### [TASK BRIEF]
Your answer must be the lines from the first one in the material through the line with "line L0 (3.6882, -40) -> (5.6882, -40)", retyped exactly and with no pictures.

### [SOURCE INFORMATION]
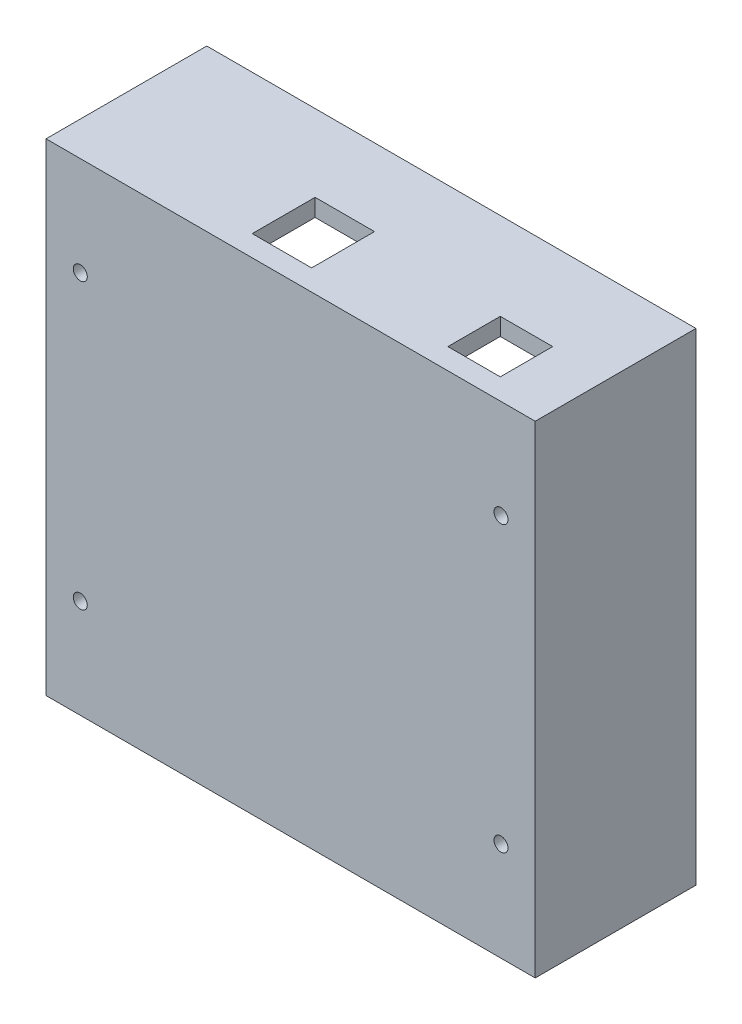
SolidWorks part; units mm, degrees
ref_plane "Front Plane" through (0, 0, 0) normal (0, 0, 1) x (1, 0, 0)
ref_plane "Top Plane" through (0, 0, 0) normal (0, 1, 0) x (1, 0, 0)
ref_plane "Right Plane" through (0, 0, 0) normal (1, 0, 0) x (0, 0, -1)
other "Configuration Table"
sketch "Sketch1" plane through (0, 0, 0) normal (0, 0, 1) x (1, 0, 0)
  line L1 (-47.3118, 118.1115) -> (92.6882, 118.1115)
  line L2 (-47.3118, 118.1115) -> (-47.3118, -19.8885)
  line L3 (-47.3118, -19.8885) -> (92.6882, -19.8885)
  line L4 (92.6882, 118.1115) -> (92.6882, -19.8885)
extrude "Boss-Extrude1" add sketch "Sketch1" along normal blind 46
shell "Shell1" thickness 5
sketch "Sketch8" plane through (0, 118.1115, 0) normal (0, 1, 0) x (1, 0, 0)
  line L0 (-47.3118, -46) -> (-39.3118, -46)
  line L1 (92.6882, -46) -> (-47.3118, -46) construction
sketch "Sketch9" plane through (0, 118.1115, 0) normal (0, 1, 0) x (1, 0, 0)
  line L0 (-39.3118, -46) -> (-39.3118, -40)
  line L6 (-39.3118, -40) -> (-29.3118, -40)
  line L7 (-39.3118, -40) -> (-39.3118, -30)
  line L8 (-39.3118, -30) -> (-29.3118, -30)
  line L9 (-29.3118, -40) -> (-29.3118, -30)
extrude "Cut-Extrude2" cut sketch "Sketch9" against normal blind 5 contours L6 L9 L8 L7
sketch "Sketch10" plane through (0, 118.1115, 0) normal (0, 1, 0) x (1, 0, 0)
  line L0 (-29.3118, -40) -> (-27.3118, -40)
  line L2 (-27.3118, -40) -> (3.6882, -40)
  line L3 (-27.3118, -40) -> (-27.3118, -18)
  line L4 (-27.3118, -18) -> (3.6882, -18)
  line L5 (3.6882, -40) -> (3.6882, -18)
extrude "Cut-Extrude3" cut sketch "Sketch10" against normal blind 5 contours L2 L5 L4 L3
sketch "Sketch11" plane through (0, 118.1115, 0) normal (0, 1, 0) x (1, 0, 0)
  line L0 (3.6882, -40) -> (5.6882, -40)
  line L2 (5.6882, -40) -> (22.6882, -40)
  line L3 (5.6882, -40) -> (5.6882, -22)
  line L4 (5.6882, -22) -> (22.6882, -22)
  line L5 (22.6882, -40) -> (22.6882, -22)
extrude "Cut-Extrude4" cut sketch "Sketch11" against normal blind 5 contours L2 L5 L4 L3
sketch "Sketch12" plane through (0, 118.1115, 0) normal (0, 1, 0) x (1, 0, 0)
  line L0 (22.6882, -40) -> (26.6882, -40)
  line L2 (26.6882, -40) -> (58.6882, -40)
  line L3 (26.6882, -40) -> (26.6882, -27)
  line L4 (26.6882, -27) -> (58.6882, -27)
  line L5 (58.6882, -40) -> (58.6882, -27)
extrude "Cut-Extrude5" cut sketch "Sketch12" against normal blind 5 contours L2 L5 L4 L3
sketch "Sketch13" plane through (0, 118.1115, 0) normal (0, 1, 0) x (1, 0, 0)
  line L0 (58.6882, -40) -> (61.6882, -40)
  line L2 (61.6882, -40) -> (76.6882, -40)
  line L3 (61.6882, -40) -> (61.6882, -25)
  line L4 (61.6882, -25) -> (76.6882, -25)
  line L5 (76.6882, -40) -> (76.6882, -25)
extrude "Cut-Extrude6" cut sketch "Sketch13" against normal blind 5 contours L2 L5 L4 L3
sketch "Sketch19" plane through (0, 0, 46) normal (0, 0, 1) x (1, 0, 0)
  circle A2 centre (-37.5118, 8.4115) radius 2
  circle A4 centre (-37.5118, 89.8115) radius 2
  circle A5 centre (82.8882, 8.4115) radius 2
  circle A6 centre (82.8882, 89.8115) radius 2
extrude "Cut-Extrude8" cut sketch "Sketch19" against normal blind 5
sketch "Sketch21" plane through (0, -19.8885, 0) normal (0, -1, 0) x (1, 0, 0)
  line L2 (-28.3118, 40) -> (-12.3118, 40)
  line L3 (-28.3118, 40) -> (-28.3118, 24)
  line L4 (-28.3118, 24) -> (-12.3118, 24)
  line L5 (-12.3118, 40) -> (-12.3118, 24)
extrude "Cut-Extrude11" cut sketch "Sketch21" against normal blind 5
sketch "Sketch23" plane through (0, -19.8885, 0) normal (0, -1, 0) x (1, 0, 0)
  line L2 (-8.3118, 40) -> (7.6882, 40)
  line L3 (-8.3118, 40) -> (-8.3118, 24)
  line L4 (-8.3118, 24) -> (7.6882, 24)
  line L5 (7.6882, 40) -> (7.6882, 24)
extrude "Cut-Extrude12" cut sketch "Sketch23" against normal blind 5
sketch "Sketch24" plane through (0, 118.1115, 0) normal (0, 1, 0) x (1, 0, 0)
  line L1 (-39.3118, -30) -> (-29.3118, -30)
  line L2 (-39.3118, -30) -> (-39.3118, -40)
  line L3 (-39.3118, -40) -> (-29.3118, -40)
  line L4 (-29.3118, -30) -> (-29.3118, -40)
  line L5 (-27.3118, -18) -> (3.6882, -18)
  line L6 (-27.3118, -18) -> (-27.3118, -40)
  line L7 (-27.3118, -40) -> (3.6882, -40)
  line L8 (3.6882, -18) -> (3.6882, -40)
  line L9 (26.6882, -27) -> (58.6882, -27)
  line L10 (26.6882, -27) -> (26.6882, -40)
  line L11 (26.6882, -40) -> (58.6882, -40)
  line L12 (58.6882, -27) -> (58.6882, -40)
extrude "Boss-Extrude2" add sketch "Sketch24" against normal blind 5

### [ANSWER SPACE]
SolidWorks part; units mm, degrees
ref_plane "Front Plane" through (0, 0, 0) normal (0, 0, 1) x (1, 0, 0)
ref_plane "Top Plane" through (0, 0, 0) normal (0, 1, 0) x (1, 0, 0)
ref_plane "Right Plane" through (0, 0, 0) normal (1, 0, 0) x (0, 0, -1)
other "Configuration Table"
sketch "Sketch1" plane through (0, 0, 0) normal (0, 0, 1) x (1, 0, 0)
  line L1 (-47.3118, 118.1115) -> (92.6882, 118.1115)
  line L2 (-47.3118, 118.1115) -> (-47.3118, -19.8885)
  line L3 (-47.3118, -19.8885) -> (92.6882, -19.8885)
  line L4 (92.6882, 118.1115) -> (92.6882, -19.8885)
extrude "Boss-Extrude1" add sketch "Sketch1" along normal blind 46
shell "Shell1" thickness 5
sketch "Sketch8" plane through (0, 118.1115, 0) normal (0, 1, 0) x (1, 0, 0)
  line L0 (-47.3118, -46) -> (-39.3118, -46)
  line L1 (92.6882, -46) -> (-47.3118, -46) construction
sketch "Sketch9" plane through (0, 118.1115, 0) normal (0, 1, 0) x (1, 0, 0)
  line L0 (-39.3118, -46) -> (-39.3118, -40)
  line L6 (-39.3118, -40) -> (-29.3118, -40)
  line L7 (-39.3118, -40) -> (-39.3118, -30)
  line L8 (-39.3118, -30) -> (-29.3118, -30)
  line L9 (-29.3118, -40) -> (-29.3118, -30)
extrude "Cut-Extrude2" cut sketch "Sketch9" against normal blind 5 contours L6 L9 L8 L7
sketch "Sketch10" plane through (0, 118.1115, 0) normal (0, 1, 0) x (1, 0, 0)
  line L0 (-29.3118, -40) -> (-27.3118, -40)
  line L2 (-27.3118, -40) -> (3.6882, -40)
  line L3 (-27.3118, -40) -> (-27.3118, -18)
  line L4 (-27.3118, -18) -> (3.6882, -18)
  line L5 (3.6882, -40) -> (3.6882, -18)
extrude "Cut-Extrude3" cut sketch "Sketch10" against normal blind 5 contours L2 L5 L4 L3
sketch "Sketch11" plane through (0, 118.1115, 0) normal (0, 1, 0) x (1, 0, 0)
  line L0 (3.6882, -40) -> (5.6882, -40)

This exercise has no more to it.